Requirement:
Only the lines with "fill" in them need to be copied from the listing.
[Opening Information section]
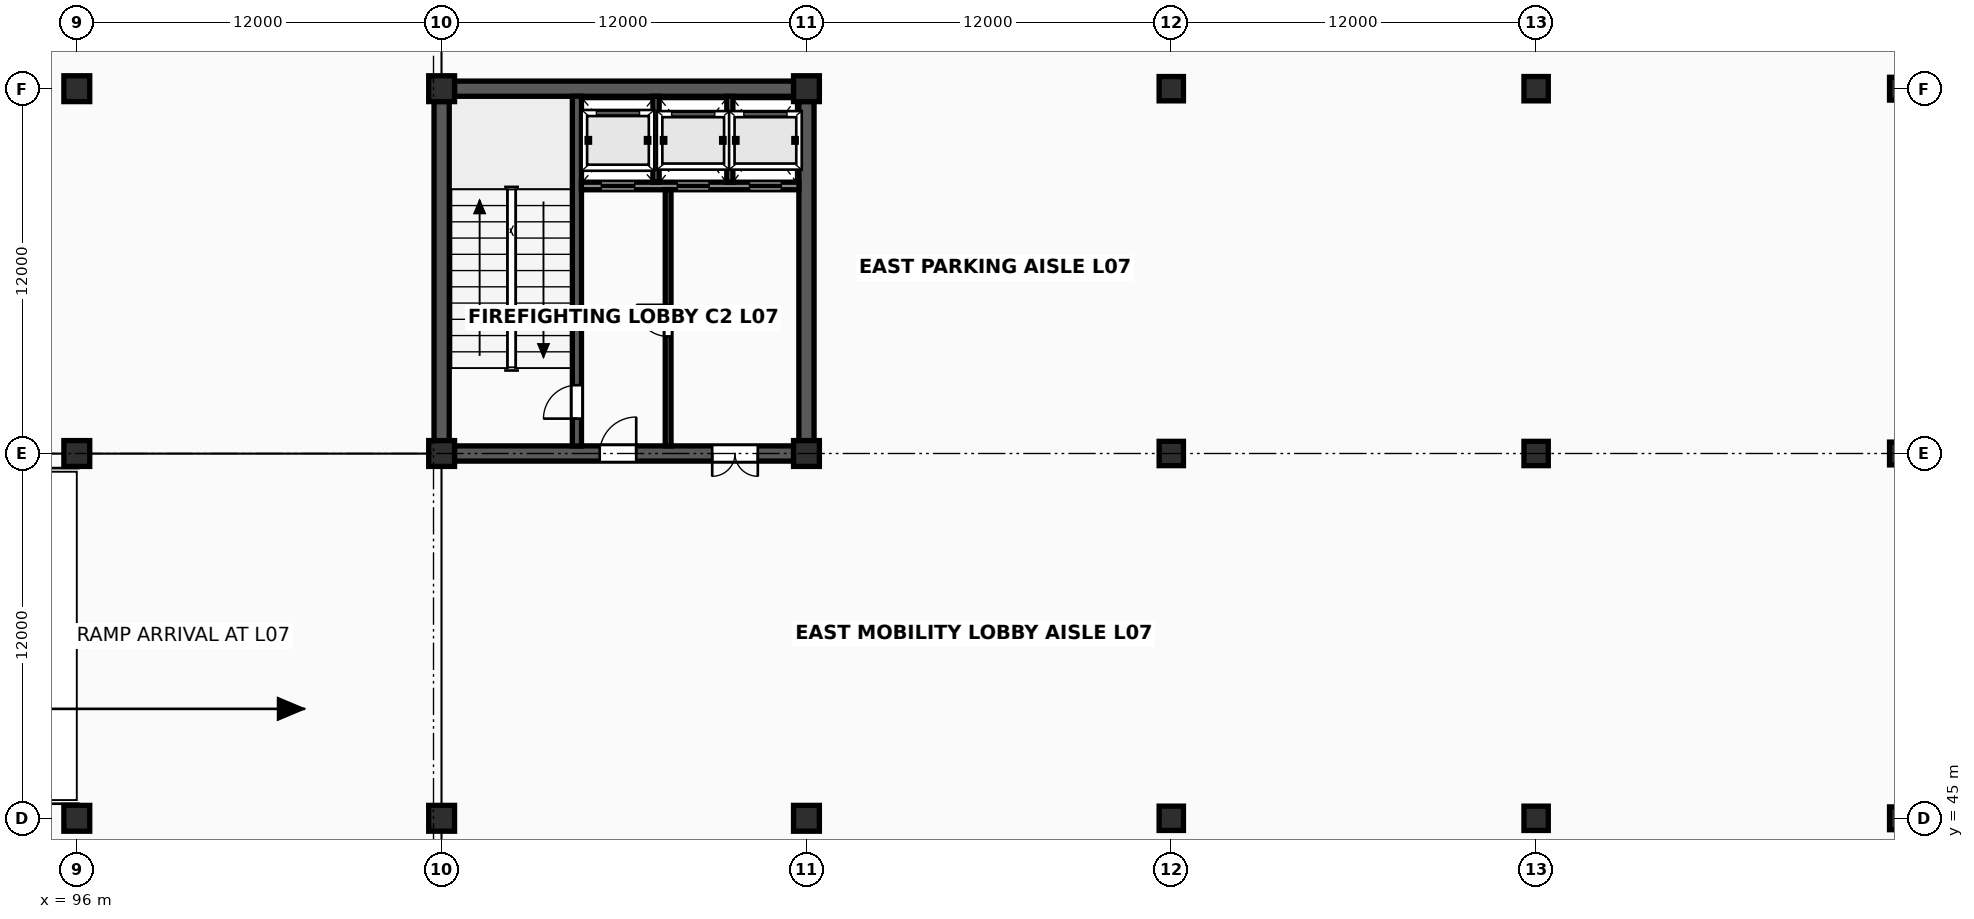
"""IFC4 building model, lengths in metres.
Left out: names, types, materials, properties, quantities, classifications, styles, units other than length and angle.
Written with IfcOpenShell. Run it as: python <this file> out.ifc"""

import sys

from ifc_helpers import new_model, si_unit, direction, frame, frame_2d, origin, origin_2d, place, context, subcontext, project, spatial, rectangle, extrude, element, fill, save


model = new_model("IFC4")
c1 = context("Model", 3, precision=1e-05, world=origin(), true_north=direction((0.0, 1.0)))
c2 = subcontext(c1, "Body", "Model", "MODEL_VIEW")
j1 = project(units=[si_unit("LENGTHUNIT", "METRE"), si_unit("PLANEANGLEUNIT", "RADIAN")], contexts=[c1])
p1 = place(None, origin())
s1 = spatial("IfcSite", under=j1, at=p1, CompositionType="ELEMENT")
p2 = place(p1, origin())
s2 = spatial("IfcBuilding", under=s1, at=p2, CompositionType="ELEMENT")
p3 = place(p2, frame((0.0, 0.0, 28.6)))
s3 = spatial("IfcBuildingStorey", under=s2, at=p3, CompositionType="ELEMENT", Elevation=28.6)
for number, where, z_axis, x_axis in (
    (1, (96.0, 45.0, 0.0), (0.0, 0.0, 1.0), (1.0, 0.0, 0.0)),
    (2, (96.0, 57.0, 0.0), (0.0, 0.0, 1.0), (1.0, 0.0, 0.0)),
    (3, (96.0, 69.0, 0.0), (0.0, 0.0, 1.0), (1.0, 0.0, 0.0)),
    (4, (108.0, 45.0, 0.0), (0.0, 0.0, 1.0), (1.0, 0.0, 0.0)),
    (5, (108.0, 57.0, 0.0), (0.0, 0.0, 1.0), (1.0, 0.0, 0.0)),
    (6, (108.0, 69.0, 0.0), (0.0, 0.0, 1.0), (1.0, 0.0, 0.0)),
    (7, (120.0, 45.0, 0.0), (0.0, 0.0, 1.0), (1.0, 0.0, 0.0)),
    (8, (120.0, 57.0, 0.0), (0.0, 0.0, 1.0), (1.0, 0.0, 0.0)),
    (9, (120.0, 69.0, 0.0), (0.0, 0.0, 1.0), (1.0, 0.0, 0.0)),
):
    element("IfcColumn", number, at=place(p3, frame(where, z_axis=z_axis, x_axis=x_axis)), inside=s3, PredefinedType="COLUMN", context=c2, shape_type="SweptSolid", body=[
        extrude(rectangle(XDim=0.85, YDim=0.85, at=origin_2d()), origin(), (0.0, 0.0, 1.0), 3.8),
    ])
for number, where, z_axis, x_axis in (
    (10, (132.0, 45.0, 0.0), (0.0, 0.0, 1.0), (1.0, 0.0, 0.0)),
    (11, (132.0, 57.0, 0.0), (0.0, 0.0, 1.0), (1.0, 0.0, 0.0)),
    (12, (132.0, 69.0, 0.0), (0.0, 0.0, 1.0), (1.0, 0.0, 0.0)),
    (13, (144.0, 45.0, 0.0), (0.0, 0.0, 1.0), (1.0, 0.0, 0.0)),
    (14, (144.0, 57.0, 0.0), (0.0, 0.0, 1.0), (1.0, 0.0, 0.0)),
    (15, (144.0, 69.0, 0.0), (0.0, 0.0, 1.0), (1.0, 0.0, 0.0)),
):
    element("IfcColumn", number, at=place(p3, frame(where, z_axis=z_axis, x_axis=x_axis)), inside=s3, PredefinedType="COLUMN", context=c2, shape_type="SweptSolid", body=[
        extrude(rectangle(XDim=0.8, YDim=0.8, at=origin_2d()), origin(), (0.0, 0.0, 1.0), 3.8),
    ])
for number, where, z_axis, x_axis in (
    (16, (156.0, 45.0, 0.0), (0.0, 0.0, 1.0), (1.0, 0.0, 0.0)),
    (17, (156.0, 57.0, 0.0), (0.0, 0.0, 1.0), (1.0, 0.0, 0.0)),
    (18, (156.0, 69.0, 0.0), (0.0, 0.0, 1.0), (1.0, 0.0, 0.0)),
):
    element("IfcColumn", number, at=place(p3, frame(where, z_axis=z_axis, x_axis=x_axis)), inside=s3, PredefinedType="COLUMN", context=c2, shape_type="SweptSolid", body=[
        extrude(rectangle(XDim=0.75, YDim=0.75, at=origin_2d()), origin(), (0.0, 0.0, 1.0), 3.8),
    ])
p4 = place(p3, frame((108.422, 57.0, 0.0), z_axis=(0.0, 0.0, 1.0), x_axis=(1.0, 0.0, 0.0)))
e19 = element("IfcWall", 19, at=p4, inside=s3, PredefinedType="SHEAR", context=c2, shape_type="SweptSolid", body=[
    extrude(rectangle(XDim=11.156, YDim=0.5, at=frame_2d((5.578, 0.0))), origin(), (0.0, 0.0, 1.0), 3.553),
])
p5 = place(p4, frame((4.778, 0.0, 0.0)))
e20 = element("IfcOpeningElement", 20, at=p5, cuts=e19, PredefinedType="OPENING", context=c2, shape_type="SweptSolid", body=[
    extrude(rectangle(XDim=1.2, YDim=2.2, at=frame_2d((0.6, 1.1))), frame((0.0, 0.265, 0.0), z_axis=(0.0, -1.0, 0.0), x_axis=(1.0, 0.0, 0.0)), (0.0, 0.0, 1.0), 0.53),
])
p6 = place(p4, frame((8.478, 0.0, 0.0)))
e21 = element("IfcOpeningElement", 21, at=p6, cuts=e19, PredefinedType="OPENING", context=c2, shape_type="SweptSolid", body=[
    extrude(rectangle(XDim=1.5, YDim=2.25, at=frame_2d((0.75, 1.125))), frame((0.0, 0.265, 0.0), z_axis=(0.0, -1.0, 0.0), x_axis=(1.0, 0.0, 0.0)), (0.0, 0.0, 1.0), 0.53),
])
for number, where, z_axis, x_axis in (
    (22, (108.422, 69.0, 0.0), (0.0, 0.0, 1.0), (1.0, 0.0, 0.0)),
    (23, (108.0, 57.422, 0.0), (0.0, 0.0, 1.0), (0.0, 1.0, 0.0)),
    (24, (120.0, 57.422, 0.0), (0.0, 0.0, 1.0), (0.0, 1.0, 0.0)),
):
    element("IfcWall", number, at=place(p3, frame(where, z_axis=z_axis, x_axis=x_axis)), inside=s3, PredefinedType="SHEAR", context=c2, shape_type="SweptSolid", body=[
        extrude(rectangle(XDim=11.156, YDim=0.5, at=frame_2d((5.578, 0.0))), origin(), (0.0, 0.0, 1.0), 3.553),
    ])
p7 = place(p3, frame((112.45, 57.247, 0.0), z_axis=(0.0, 0.0, 1.0), x_axis=(0.0, 1.0, 0.0)))
e25 = element("IfcWall", 25, at=p7, inside=s3, PredefinedType="SHEAR", context=c2, shape_type="SweptSolid", body=[
    extrude(rectangle(XDim=11.506, YDim=0.3, at=frame_2d((5.753, 0.0))), origin(), (0.0, 0.0, 1.0), 3.553),
])
p8 = place(p7, frame((0.9, 0.0, 0.0)))
e26 = element("IfcOpeningElement", 26, at=p8, cuts=e25, PredefinedType="OPENING", context=c2, shape_type="SweptSolid", body=[
    extrude(rectangle(XDim=1.1, YDim=2.2, at=frame_2d((0.55, 1.1))), frame((0.0, 0.165, 0.0), z_axis=(0.0, -1.0, 0.0), x_axis=(1.0, 0.0, 0.0)), (0.0, 0.0, 1.0), 0.33),
])
p9 = place(p3, frame((112.597, 65.8, 0.0), z_axis=(0.0, 0.0, 1.0), x_axis=(1.0, 0.0, 0.0)))
e27 = element("IfcWall", 27, at=p9, inside=s3, PredefinedType="SOLIDWALL", context=c2, shape_type="SweptSolid", body=[
    extrude(rectangle(XDim=7.156, YDim=0.25, at=frame_2d((3.578, 0.0))), origin(), (0.0, 0.0, 1.0), 3.553),
])
p10 = place(p9, frame((0.653, 0.0, 0.0)))
e28 = element("IfcOpeningElement", 28, at=p10, cuts=e27, PredefinedType="OPENING", context=c2, shape_type="SweptSolid", body=[
    extrude(rectangle(XDim=1.1, YDim=2.24, at=frame_2d((0.55, 1.12))), frame((0.0, 0.14, 0.0), z_axis=(0.0, -1.0, 0.0), x_axis=(1.0, 0.0, 0.0)), (0.0, 0.0, 1.0), 0.28),
])
p11 = place(p9, frame((3.153, 0.0, 0.0)))
e29 = element("IfcOpeningElement", 29, at=p11, cuts=e27, PredefinedType="OPENING", context=c2, shape_type="SweptSolid", body=[
    extrude(rectangle(XDim=1.05, YDim=2.2, at=frame_2d((0.525, 1.1))), frame((0.0, 0.14, 0.0), z_axis=(0.0, -1.0, 0.0), x_axis=(1.0, 0.0, 0.0)), (0.0, 0.0, 1.0), 0.28),
])
p12 = place(p9, frame((5.528, 0.0, 0.0)))
e30 = element("IfcOpeningElement", 30, at=p12, cuts=e27, PredefinedType="OPENING", context=c2, shape_type="SweptSolid", body=[
    extrude(rectangle(XDim=1.05, YDim=2.2, at=frame_2d((0.525, 1.1))), frame((0.0, 0.14, 0.0), z_axis=(0.0, -1.0, 0.0), x_axis=(1.0, 0.0, 0.0)), (0.0, 0.0, 1.0), 0.28),
])
for number, where, z_axis, x_axis in (
    (31, (115.05, 65.92, 0.0), (0.0, 0.0, 1.0), (0.0, 1.0, 0.0)),
    (32, (117.48, 65.92, 0.0), (0.0, 0.0, 1.0), (0.0, 1.0, 0.0)),
):
    element("IfcWall", number, at=place(p3, frame(where, z_axis=z_axis, x_axis=x_axis)), inside=s3, PredefinedType="SOLIDWALL", context=c2, shape_type="SweptSolid", body=[
        extrude(rectangle(XDim=2.83, YDim=0.2, at=frame_2d((1.415, 0.0))), origin(), (0.0, 0.0, 1.0), 3.543),
    ])
p13 = place(p3, frame((115.45, 57.25, 0.0), z_axis=(0.0, 0.0, 1.0), x_axis=(0.0, 1.0, 0.0)))
e33 = element("IfcWall", 33, at=p13, inside=s3, PredefinedType="SOLIDWALL", context=c2, shape_type="SweptSolid", body=[
    extrude(rectangle(XDim=8.43, YDim=0.19, at=frame_2d((4.215, 0.0))), origin(), (0.0, 0.0, 1.0), 3.543),
])
p14 = place(p13, frame((3.6, 0.0, 0.0)))
e34 = element("IfcOpeningElement", 34, at=p14, cuts=e33, PredefinedType="OPENING", context=c2, shape_type="SweptSolid", body=[
    extrude(rectangle(XDim=1.04, YDim=2.18, at=frame_2d((0.52, 1.09))), frame((0.0, 0.11, 0.0), z_axis=(0.0, -1.0, 0.0), x_axis=(1.0, 0.0, 0.0)), (0.0, 0.0, 1.0), 0.22),
])
p15 = place(p8, origin())
e35 = element("IfcDoor", 35, at=p15, inside=s3, OperationType="SINGLE_SWING_LEFT", PredefinedType="DOOR", context=c2, shape_type="SweptSolid", body=[
    extrude(rectangle(XDim=1.1, YDim=2.2, at=frame_2d((0.55, 1.1))), frame((0.0, 0.025, 0.0), z_axis=(0.0, -1.0, 0.0), x_axis=(1.0, 0.0, 0.0)), (0.0, 0.0, 1.0), 0.05),
])
fill(e26, e35)
p16 = place(p14, origin())
e36 = element("IfcDoor", 36, at=p16, inside=s3, OperationType="SINGLE_SWING_RIGHT", PredefinedType="DOOR", context=c2, shape_type="SweptSolid", body=[
    extrude(rectangle(XDim=1.04, YDim=2.18, at=frame_2d((0.52, 1.09))), frame((0.0, 0.025, 0.0), z_axis=(0.0, -1.0, 0.0), x_axis=(1.0, 0.0, 0.0)), (0.0, 0.0, 1.0), 0.05),
])
fill(e34, e36)
p17 = place(p5, origin())
e37 = element("IfcDoor", 37, at=p17, inside=s3, OperationType="SINGLE_SWING_RIGHT", PredefinedType="DOOR", context=c2, shape_type="SweptSolid", body=[
    extrude(rectangle(XDim=1.2, YDim=2.2, at=frame_2d((0.6, 1.1))), frame((0.0, 0.025, 0.0), z_axis=(0.0, -1.0, 0.0), x_axis=(1.0, 0.0, 0.0)), (0.0, 0.0, 1.0), 0.05),
])
fill(e20, e37)
p18 = place(p6, origin())
e38 = element("IfcDoor", 38, at=p18, inside=s3, OperationType="DOUBLE_DOOR_SINGLE_SWING", PredefinedType="DOOR", context=c2, shape_type="SweptSolid", body=[
    extrude(rectangle(XDim=1.5, YDim=2.25, at=frame_2d((0.75, 1.125))), frame((0.0, 0.025, 0.0), z_axis=(0.0, -1.0, 0.0), x_axis=(1.0, 0.0, 0.0)), (0.0, 0.0, 1.0), 0.05),
])
fill(e21, e38)
p19 = place(p10, origin())
e39 = element("IfcDoor", 39, at=p19, inside=s3, OperationType="SLIDING_TO_LEFT", PredefinedType="USERDEFINED", context=c2, shape_type="SweptSolid", body=[
    extrude(rectangle(XDim=1.1, YDim=2.24, at=frame_2d((0.55, 1.12))), frame((0.0, 0.025, 0.0), z_axis=(0.0, -1.0, 0.0), x_axis=(1.0, 0.0, 0.0)), (0.0, 0.0, 1.0), 0.05),
])
fill(e28, e39)
p20 = place(p11, origin())
e40 = element("IfcDoor", 40, at=p20, inside=s3, OperationType="SLIDING_TO_LEFT", PredefinedType="USERDEFINED", context=c2, shape_type="SweptSolid", body=[
    extrude(rectangle(XDim=1.05, YDim=2.2, at=frame_2d((0.525, 1.1))), frame((0.0, 0.025, 0.0), z_axis=(0.0, -1.0, 0.0), x_axis=(1.0, 0.0, 0.0)), (0.0, 0.0, 1.0), 0.05),
])
fill(e29, e40)
p21 = place(p12, origin())
e41 = element("IfcDoor", 41, at=p21, inside=s3, OperationType="SLIDING_TO_LEFT", PredefinedType="USERDEFINED", context=c2, shape_type="SweptSolid", body=[
    extrude(rectangle(XDim=1.05, YDim=2.2, at=frame_2d((0.525, 1.1))), frame((0.0, 0.025, 0.0), z_axis=(0.0, -1.0, 0.0), x_axis=(1.0, 0.0, 0.0)), (0.0, 0.0, 1.0), 0.05),
])
fill(e30, e41)
save(model, sys.argv[1])
[Closing Information section]
Expected answer:
from ifc_helpers import new_model, si_unit, direction, frame, frame_2d, origin, origin_2d, place, context, subcontext, project, spatial, rectangle, extrude, element, fill, save
fill(e26, e35)
fill(e34, e36)
fill(e20, e37)
fill(e21, e38)
fill(e28, e39)
fill(e29, e40)
fill(e30, e41)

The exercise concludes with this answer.